**Work request**
Show the lines below where "direction" occurs.

**Given information**
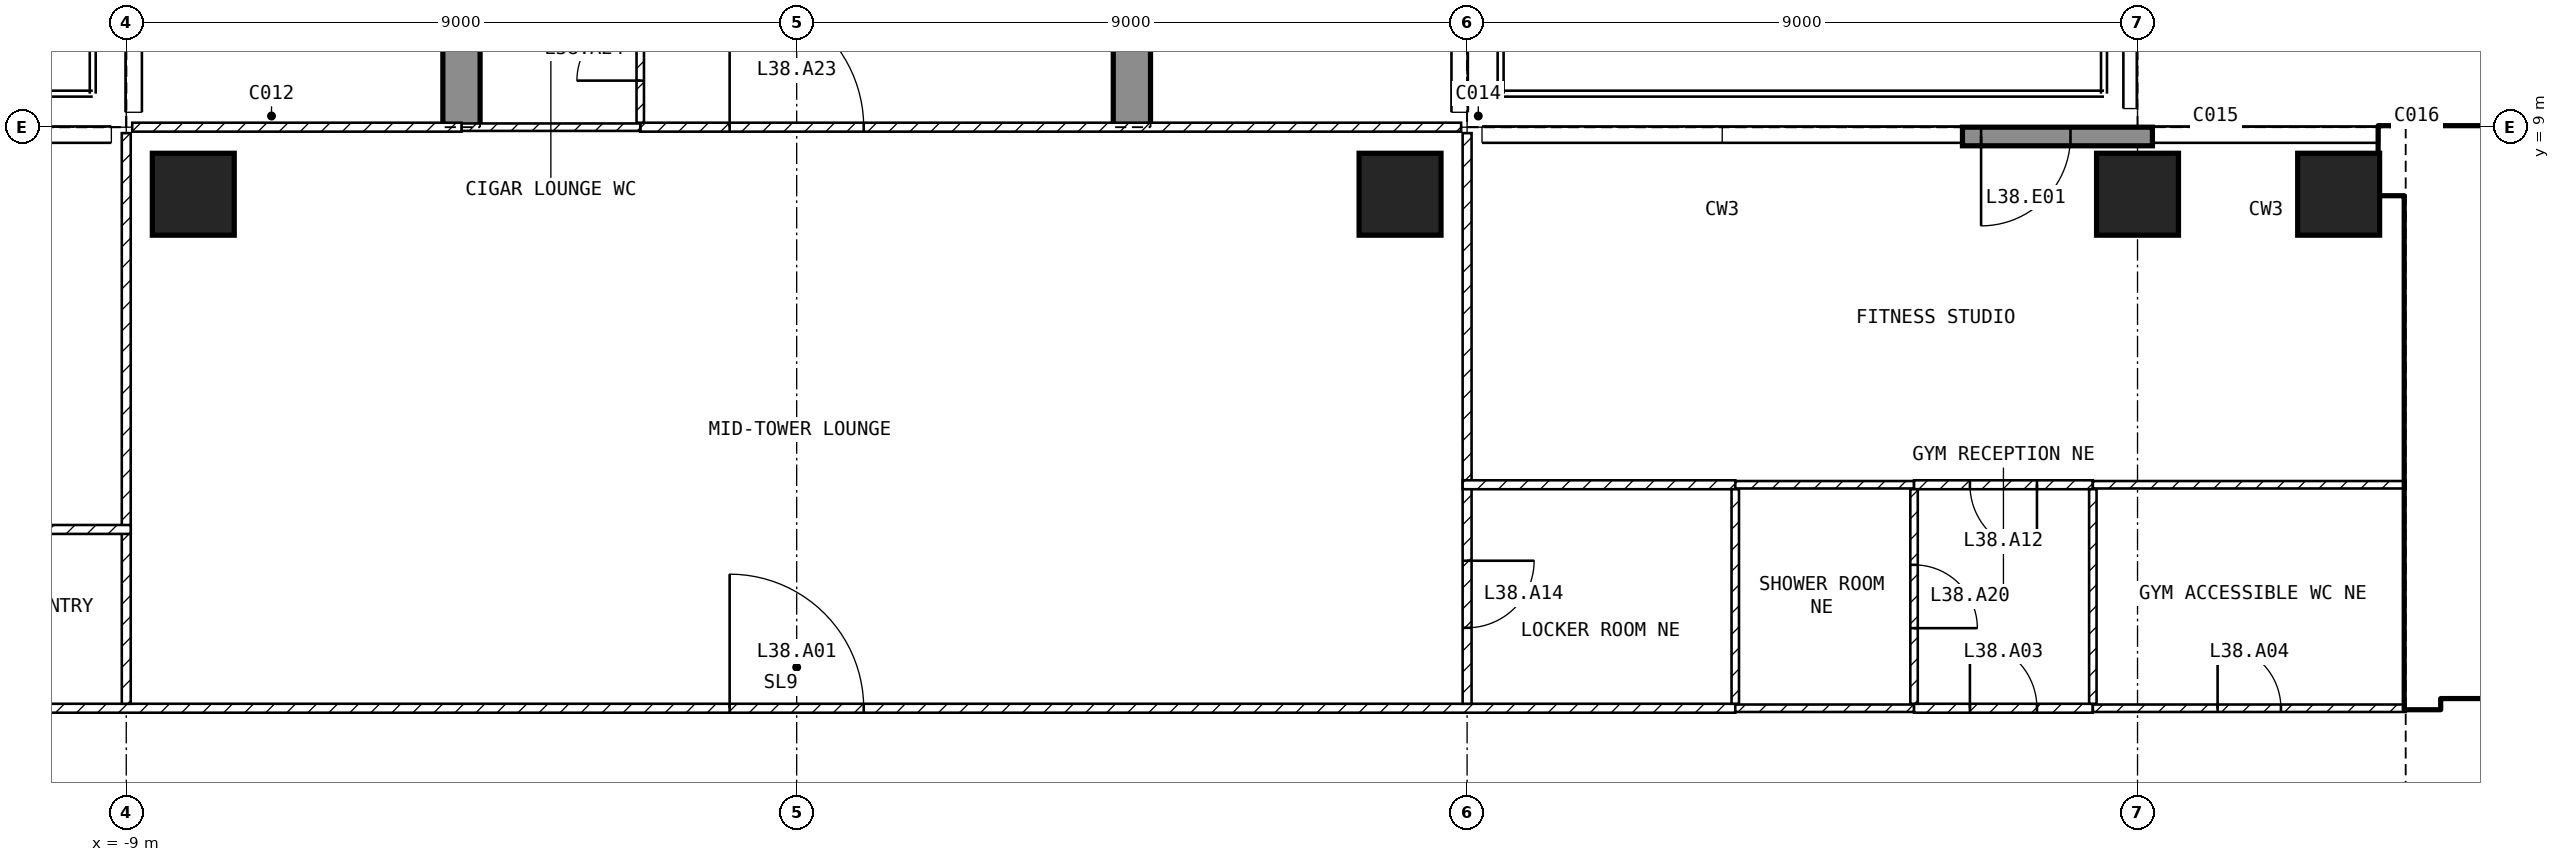
"""IFC4 building model, lengths in metres.
Left out: names, types, materials, properties, quantities, classifications, styles, units other than length and angle.
Written with IfcOpenShell. Run it as: python <this file> out.ifc"""

import sys

from ifc_helpers import new_model, si_unit, direction, frame, frame_2d, origin, origin_2d, place, context, subcontext, project, spatial, polyline, rectangle, outline, extrude, element, fill, save


model = new_model("IFC4")
c1 = context("Model", 3, precision=1e-05, world=origin(), true_north=direction((0.0, 1.0)))
c2 = subcontext(c1, "Body", "Model", "MODEL_VIEW")
j1 = project(units=[si_unit("LENGTHUNIT", "METRE"), si_unit("PLANEANGLEUNIT", "RADIAN")], contexts=[c1])
p1 = place(None, origin())
s1 = spatial("IfcSite", under=j1, at=p1, CompositionType="ELEMENT")
p2 = place(p1, origin())
s2 = spatial("IfcBuilding", under=s1, at=p2, CompositionType="ELEMENT")
p3 = place(p2, frame((0.0, 0.0, 154.9)))
s3 = spatial("IfcBuildingStorey", under=s2, at=p3, CompositionType="ELEMENT", Elevation=154.9)
for number, where, z_axis, x_axis in (
    (1, (-8.1, 8.1, -0.3), (0.0, 0.0, 1.0), (1.0, 0.0, 0.0)),
    (2, (8.1, 8.1, -0.3), (0.0, 0.0, 1.0), (1.0, 0.0, 0.0)),
    (3, (18.0, 8.1, -0.3), (0.0, 0.0, 1.0), (1.0, 0.0, 0.0)),
    (4, (20.7, 8.1, -0.3), (0.0, 0.0, 1.0), (1.0, 0.0, 0.0)),
):
    element("IfcColumn", number, at=place(p3, frame(where, z_axis=z_axis, x_axis=x_axis)), inside=s3, PredefinedType="COLUMN", context=c2, shape_type="SweptSolid", body=[
        extrude(rectangle(XDim=1.1, YDim=1.1, at=origin_2d()), origin(), (0.0, 0.0, 1.0), 7.05),
    ])
for number, where, z_axis, x_axis in (
    (5, (-4.75, 9.0, -0.3), (1.0, 0.0, 0.0), (0.0, 1.0, 0.0)),
    (6, (4.25, 9.0, -0.3), (1.0, 0.0, 0.0), (0.0, 1.0, 0.0)),
):
    element("IfcWall", number, at=place(p3, frame(where, z_axis=z_axis, x_axis=x_axis)), inside=s3, PredefinedType="SHEAR", context=c2, shape_type="SweptSolid", body=[
        extrude(outline(polyline([(0.0, 0.0), (2.1, 0.0), (2.1, 2.7), (4.5, 2.7), (4.5, 0.0), (9.9, 0.0), (9.9, 2.7), (12.3, 2.7), (12.3, 0.0), (16.55, 0.0), (16.55, 7.05), (0.0, 7.05), (0.0, 0.0)])), origin(), (0.0, 0.0, 1.0), 0.5),
    ])
p4 = place(p3, frame((18.2, 8.875, 0.0), z_axis=(0.0, 0.0, 1.0), x_axis=(-1.0, 0.0, 0.0)))
e7 = element("IfcWall", 7, at=p4, inside=s3, PredefinedType="SOLIDWALL", context=c2, shape_type="SweptSolid", body=[
    extrude(rectangle(XDim=2.55, YDim=0.25, at=frame_2d((1.275, 0.0))), origin(), (0.0, 0.0, 1.0), 6.75),
])
p5 = place(p4, frame((1.1, 0.0, 0.0)))
e8 = element("IfcOpeningElement", 8, at=p5, cuts=e7, PredefinedType="OPENING", context=c2, shape_type="SweptSolid", body=[
    extrude(rectangle(XDim=1.2, YDim=2.4, at=frame_2d((0.6, 1.2))), frame((0.0, 0.135, 0.0), z_axis=(0.0, -1.0, 0.0), x_axis=(1.0, 0.0, 0.0)), (0.0, 0.0, 1.0), 0.27),
])
p6 = place(p3, frame((21.25, 8.55, 0.0), z_axis=(0.0, 0.0, 1.0), x_axis=(1.0, 0.0, 0.0)))
e9 = element("IfcWall", 9, at=p6, inside=s3, PredefinedType="SHEAR", context=c2, shape_type="SweptSolid", body=[
    extrude(rectangle(XDim=8.2, YDim=0.9, at=frame_2d((4.1, 0.0))), origin(), (0.0, 0.0, 1.0), 6.75),
])
p7 = place(p3, frame((21.825, 1.2, 0.0), z_axis=(0.0, 0.0, 1.0), x_axis=(0.0, 1.0, 0.0)))
e10 = element("IfcWall", 10, at=p7, inside=s3, PredefinedType="SHEAR", context=c2, shape_type="SweptSolid", body=[
    extrude(rectangle(XDim=6.9, YDim=0.45, at=frame_2d((3.45, 0.0))), origin(), (0.0, 0.0, 1.0), 6.75),
])
p8 = place(p3, frame((22.05, 1.45, 0.0), z_axis=(0.0, 0.0, 1.0), x_axis=(1.0, 0.0, 0.0)))
e11 = element("IfcWall", 11, at=p8, inside=s3, PredefinedType="SOLIDWALL", context=c2, shape_type="SweptSolid", body=[
    extrude(rectangle(XDim=11.0, YDim=0.2, at=frame_2d((5.5, 0.0))), origin(), (0.0, 0.0, 1.0), 6.75),
])
p9 = place(p8, frame((0.75, 0.0, 0.0)))
e12 = element("IfcOpeningElement", 12, at=p9, cuts=e11, PredefinedType="OPENING", context=c2, shape_type="SweptSolid", body=[
    extrude(rectangle(XDim=1.0, YDim=2.1, at=frame_2d((0.5, 1.05))), frame((0.0, 0.11, 0.0), z_axis=(0.0, -1.0, 0.0), x_axis=(1.0, 0.0, 0.0)), (0.0, 0.0, 1.0), 0.22),
])
p10 = place(p8, frame((3.25, 0.0, 0.0)))
e13 = element("IfcOpeningElement", 13, at=p10, cuts=e11, PredefinedType="OPENING", context=c2, shape_type="SweptSolid", body=[
    extrude(rectangle(XDim=1.0, YDim=2.1, at=frame_2d((0.5, 1.05))), frame((0.0, 0.11, 0.0), z_axis=(0.0, -1.0, 0.0), x_axis=(1.0, 0.0, 0.0)), (0.0, 0.0, 1.0), 0.22),
])
p11 = place(p8, frame((9.075, 0.0, 0.0)))
e14 = element("IfcOpeningElement", 14, at=p11, cuts=e11, PredefinedType="OPENING", context=c2, shape_type="SweptSolid", body=[
    extrude(rectangle(XDim=0.9, YDim=2.1, at=frame_2d((0.45, 1.05))), frame((0.0, 0.11, 0.0), z_axis=(0.0, -1.0, 0.0), x_axis=(1.0, 0.0, 0.0)), (0.0, 0.0, 1.0), 0.22),
])
p12 = place(p3, frame((22.05, 5.15, 0.0), z_axis=(0.0, 0.0, 1.0), x_axis=(1.0, 0.0, 0.0)))
e15 = element("IfcWall", 15, at=p12, inside=s3, PredefinedType="SOLIDWALL", context=c2, shape_type="SweptSolid", body=[
    extrude(rectangle(XDim=6.3, YDim=0.2, at=frame_2d((3.15, 0.0))), origin(), (0.0, 0.0, 1.0), 6.75),
])
p13 = place(p12, frame((0.2, 0.0, 0.0)))
e16 = element("IfcOpeningElement", 16, at=p13, cuts=e15, PredefinedType="OPENING", context=c2, shape_type="SweptSolid", body=[
    extrude(rectangle(XDim=1.0, YDim=2.1, at=frame_2d((0.5, 1.05))), frame((0.0, 0.11, 0.0), z_axis=(0.0, -1.0, 0.0), x_axis=(1.0, 0.0, 0.0)), (0.0, 0.0, 1.0), 0.22),
])
p14 = place(p3, frame((-21.6, 1.2, 0.0), z_axis=(0.0, 0.0, 1.0), x_axis=(1.0, 0.0, 0.0)))
e17 = element("IfcWall", 17, at=p14, inside=s3, PredefinedType="PARTITIONING", context=c2, shape_type="SweptSolid", body=[
    extrude(rectangle(XDim=34.2, YDim=0.12, at=frame_2d((17.1, 0.0))), origin(), (0.0, 0.0, 1.0), 6.75),
])
p15 = place(p14, frame((20.7, 0.0, 0.0)))
e18 = element("IfcOpeningElement", 18, at=p15, cuts=e17, PredefinedType="OPENING", context=c2, shape_type="SweptSolid", body=[
    extrude(rectangle(XDim=1.8, YDim=2.1, at=frame_2d((0.9, 1.05))), frame((0.0, 0.07, 0.0), z_axis=(0.0, -1.0, 0.0), x_axis=(1.0, 0.0, 0.0)), (0.0, 0.0, 1.0), 0.14),
])
p16 = place(p14, frame((6.45, 0.0, 0.0)))
e19 = element("IfcOpeningElement", 19, at=p16, cuts=e17, PredefinedType="OPENING", context=c2, shape_type="SweptSolid", body=[
    extrude(rectangle(XDim=0.9, YDim=2.1, at=frame_2d((0.45, 1.05))), frame((0.0, 0.07, 0.0), z_axis=(0.0, -1.0, 0.0), x_axis=(1.0, 0.0, 0.0)), (0.0, 0.0, 1.0), 0.14),
])
p17 = place(p3, frame((12.6, 1.2, 0.0), z_axis=(0.0, 0.0, 1.0), x_axis=(1.0, 0.0, 0.0)))
e20 = element("IfcWall", 20, at=p17, inside=s3, PredefinedType="PARTITIONING", context=c2, shape_type="SweptSolid", body=[
    extrude(rectangle(XDim=2.4, YDim=0.1, at=frame_2d((1.2, 0.0))), origin(), (0.0, 0.0, 1.0), 6.75),
])
p18 = place(p3, frame((15.0, 1.2, 0.0), z_axis=(0.0, 0.0, 1.0), x_axis=(1.0, 0.0, 0.0)))
e21 = element("IfcWall", 21, at=p18, inside=s3, PredefinedType="PARTITIONING", context=c2, shape_type="SweptSolid", body=[
    extrude(rectangle(XDim=2.4, YDim=0.12, at=frame_2d((1.2, 0.0))), origin(), (0.0, 0.0, 1.0), 6.75),
])
p19 = place(p18, frame((0.75, 0.0, 0.0)))
e22 = element("IfcOpeningElement", 22, at=p19, cuts=e21, PredefinedType="OPENING", context=c2, shape_type="SweptSolid", body=[
    extrude(rectangle(XDim=0.9, YDim=2.1, at=frame_2d((0.45, 1.05))), frame((0.0, 0.07, 0.0), z_axis=(0.0, -1.0, 0.0), x_axis=(1.0, 0.0, 0.0)), (0.0, 0.0, 1.0), 0.14),
])
p20 = place(p3, frame((17.4, 1.2, 0.0), z_axis=(0.0, 0.0, 1.0), x_axis=(1.0, 0.0, 0.0)))
e23 = element("IfcWall", 23, at=p20, inside=s3, PredefinedType="PARTITIONING", context=c2, shape_type="SweptSolid", body=[
    extrude(rectangle(XDim=4.2, YDim=0.1, at=frame_2d((2.1, 0.0))), origin(), (0.0, 0.0, 1.0), 6.75),
])
p21 = place(p20, frame((1.675, 0.0, 0.0)))
e24 = element("IfcOpeningElement", 24, at=p21, cuts=e23, PredefinedType="OPENING", context=c2, shape_type="SweptSolid", body=[
    extrude(rectangle(XDim=0.85, YDim=2.1, at=frame_2d((0.425, 1.05))), frame((0.0, 0.06, 0.0), z_axis=(0.0, -1.0, 0.0), x_axis=(1.0, 0.0, 0.0)), (0.0, 0.0, 1.0), 0.12),
])
p22 = place(p3, frame((9.0, 8.92, 0.0), z_axis=(0.0, 0.0, 1.0), x_axis=(0.0, -1.0, 0.0)))
e25 = element("IfcWall", 25, at=p22, inside=s3, PredefinedType="PARTITIONING", context=c2, shape_type="SweptSolid", body=[
    extrude(rectangle(XDim=7.66, YDim=0.12, at=frame_2d((3.83, 0.0))), origin(), (0.0, 0.0, 1.0), 6.75),
])
p23 = place(p22, frame((5.74, 0.0, 0.0)))
e26 = element("IfcOpeningElement", 26, at=p23, cuts=e25, PredefinedType="OPENING", context=c2, shape_type="SweptSolid", body=[
    extrude(rectangle(XDim=0.9, YDim=2.1, at=frame_2d((0.45, 1.05))), frame((0.0, 0.07, 0.0), z_axis=(0.0, -1.0, 0.0), x_axis=(1.0, 0.0, 0.0)), (0.0, 0.0, 1.0), 0.14),
])
p24 = place(p3, frame((-9.0, 1.26, 0.0), z_axis=(0.0, 0.0, 1.0), x_axis=(0.0, 1.0, 0.0)))
e27 = element("IfcWall", 27, at=p24, inside=s3, PredefinedType="PARTITIONING", context=c2, shape_type="SweptSolid", body=[
    extrude(rectangle(XDim=7.66, YDim=0.12, at=frame_2d((3.83, 0.0))), origin(), (0.0, 0.0, 1.0), 6.75),
])
p25 = place(p3, frame((-2.1, 9.0, 0.0), z_axis=(0.0, 0.0, 1.0), x_axis=(1.0, 0.0, 0.0)))
e28 = element("IfcWall", 28, at=p25, inside=s3, PredefinedType="PARTITIONING", context=c2, shape_type="SweptSolid", body=[
    extrude(rectangle(XDim=11.02, YDim=0.12, at=frame_2d((5.51, 0.0))), origin(), (0.0, 0.0, 1.0), 6.75),
])
p26 = place(p25, frame((1.2, 0.0, 0.0)))
e29 = element("IfcOpeningElement", 29, at=p26, cuts=e28, PredefinedType="OPENING", context=c2, shape_type="SweptSolid", body=[
    extrude(rectangle(XDim=1.8, YDim=2.1, at=frame_2d((0.9, 1.05))), frame((0.0, 0.07, 0.0), z_axis=(0.0, -1.0, 0.0), x_axis=(1.0, 0.0, 0.0)), (0.0, 0.0, 1.0), 0.14),
])
p27 = place(p3, frame((-4.5, 9.0, 0.0), z_axis=(0.0, 0.0, 1.0), x_axis=(1.0, 0.0, 0.0)))
e30 = element("IfcWall", 30, at=p27, inside=s3, PredefinedType="PARTITIONING", context=c2, shape_type="SweptSolid", body=[
    extrude(rectangle(XDim=2.4, YDim=0.1, at=frame_2d((1.2, 0.0))), origin(), (0.0, 0.0, 1.0), 6.75),
])
p28 = place(p3, frame((-8.92, 9.0, 0.0), z_axis=(0.0, 0.0, 1.0), x_axis=(1.0, 0.0, 0.0)))
e31 = element("IfcWall", 31, at=p28, inside=s3, PredefinedType="PARTITIONING", context=c2, shape_type="SweptSolid", body=[
    extrude(rectangle(XDim=4.42, YDim=0.12, at=frame_2d((2.21, 0.0))), origin(), (0.0, 0.0, 1.0), 6.75),
])
p29 = place(p3, frame((12.6, 4.2, 0.0), z_axis=(0.0, 0.0, 1.0), x_axis=(-1.0, 0.0, 0.0)))
e32 = element("IfcWall", 32, at=p29, inside=s3, PredefinedType="PARTITIONING", context=c2, shape_type="SweptSolid", body=[
    extrude(rectangle(XDim=3.66, YDim=0.12, at=frame_2d((1.83, 0.0))), origin(), (0.0, 0.0, 1.0), 6.75),
])
p30 = place(p3, frame((15.0, 4.2, 0.0), z_axis=(0.0, 0.0, 1.0), x_axis=(-1.0, 0.0, 0.0)))
e33 = element("IfcWall", 33, at=p30, inside=s3, PredefinedType="PARTITIONING", context=c2, shape_type="SweptSolid", body=[
    extrude(rectangle(XDim=2.4, YDim=0.1, at=frame_2d((1.2, 0.0))), origin(), (0.0, 0.0, 1.0), 6.75),
])
p31 = place(p3, frame((17.4, 4.2, 0.0), z_axis=(0.0, 0.0, 1.0), x_axis=(-1.0, 0.0, 0.0)))
e34 = element("IfcWall", 34, at=p31, inside=s3, PredefinedType="PARTITIONING", context=c2, shape_type="SweptSolid", body=[
    extrude(rectangle(XDim=2.4, YDim=0.12, at=frame_2d((1.2, 0.0))), origin(), (0.0, 0.0, 1.0), 6.75),
])
p32 = place(p31, frame((0.75, 0.0, 0.0)))
e35 = element("IfcOpeningElement", 35, at=p32, cuts=e34, PredefinedType="OPENING", context=c2, shape_type="SweptSolid", body=[
    extrude(rectangle(XDim=0.9, YDim=2.1, at=frame_2d((0.45, 1.05))), frame((0.0, 0.07, 0.0), z_axis=(0.0, -1.0, 0.0), x_axis=(1.0, 0.0, 0.0)), (0.0, 0.0, 1.0), 0.14),
])
p33 = place(p3, frame((21.6, 4.2, 0.0), z_axis=(0.0, 0.0, 1.0), x_axis=(-1.0, 0.0, 0.0)))
e36 = element("IfcWall", 36, at=p33, inside=s3, PredefinedType="PARTITIONING", context=c2, shape_type="SweptSolid", body=[
    extrude(rectangle(XDim=4.2, YDim=0.1, at=frame_2d((2.1, 0.0))), origin(), (0.0, 0.0, 1.0), 6.75),
])
p34 = place(p3, frame((12.6, 4.14, 0.0), z_axis=(0.0, 0.0, 1.0), x_axis=(0.0, -1.0, 0.0)))
e37 = element("IfcWall", 37, at=p34, inside=s3, PredefinedType="PARTITIONING", context=c2, shape_type="SweptSolid", body=[
    extrude(rectangle(XDim=2.88, YDim=0.1, at=frame_2d((1.44, 0.0))), origin(), (0.0, 0.0, 1.0), 6.75),
])
p35 = place(p3, frame((15.0, 4.14, 0.0), z_axis=(0.0, 0.0, 1.0), x_axis=(0.0, -1.0, 0.0)))
e38 = element("IfcWall", 38, at=p35, inside=s3, PredefinedType="PARTITIONING", context=c2, shape_type="SweptSolid", body=[
    extrude(rectangle(XDim=2.88, YDim=0.1, at=frame_2d((1.44, 0.0))), origin(), (0.0, 0.0, 1.0), 6.75),
])
p36 = place(p35, frame((1.015, 0.0, 0.0)))
e39 = element("IfcOpeningElement", 39, at=p36, cuts=e38, PredefinedType="OPENING", context=c2, shape_type="SweptSolid", body=[
    extrude(rectangle(XDim=0.85, YDim=2.1, at=frame_2d((0.425, 1.05))), frame((0.0, 0.06, 0.0), z_axis=(0.0, -1.0, 0.0), x_axis=(1.0, 0.0, 0.0)), (0.0, 0.0, 1.0), 0.12),
])
p37 = place(p3, frame((17.4, 4.14, 0.0), z_axis=(0.0, 0.0, 1.0), x_axis=(0.0, -1.0, 0.0)))
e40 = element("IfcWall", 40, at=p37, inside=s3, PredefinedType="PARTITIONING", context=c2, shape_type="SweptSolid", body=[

**Solution**
from ifc_helpers import new_model, si_unit, direction, frame, frame_2d, origin, origin_2d, place, context, subcontext, project, spatial, polyline, rectangle, outline, extrude, element, fill, save
c1 = context("Model", 3, precision=1e-05, world=origin(), true_north=direction((0.0, 1.0)))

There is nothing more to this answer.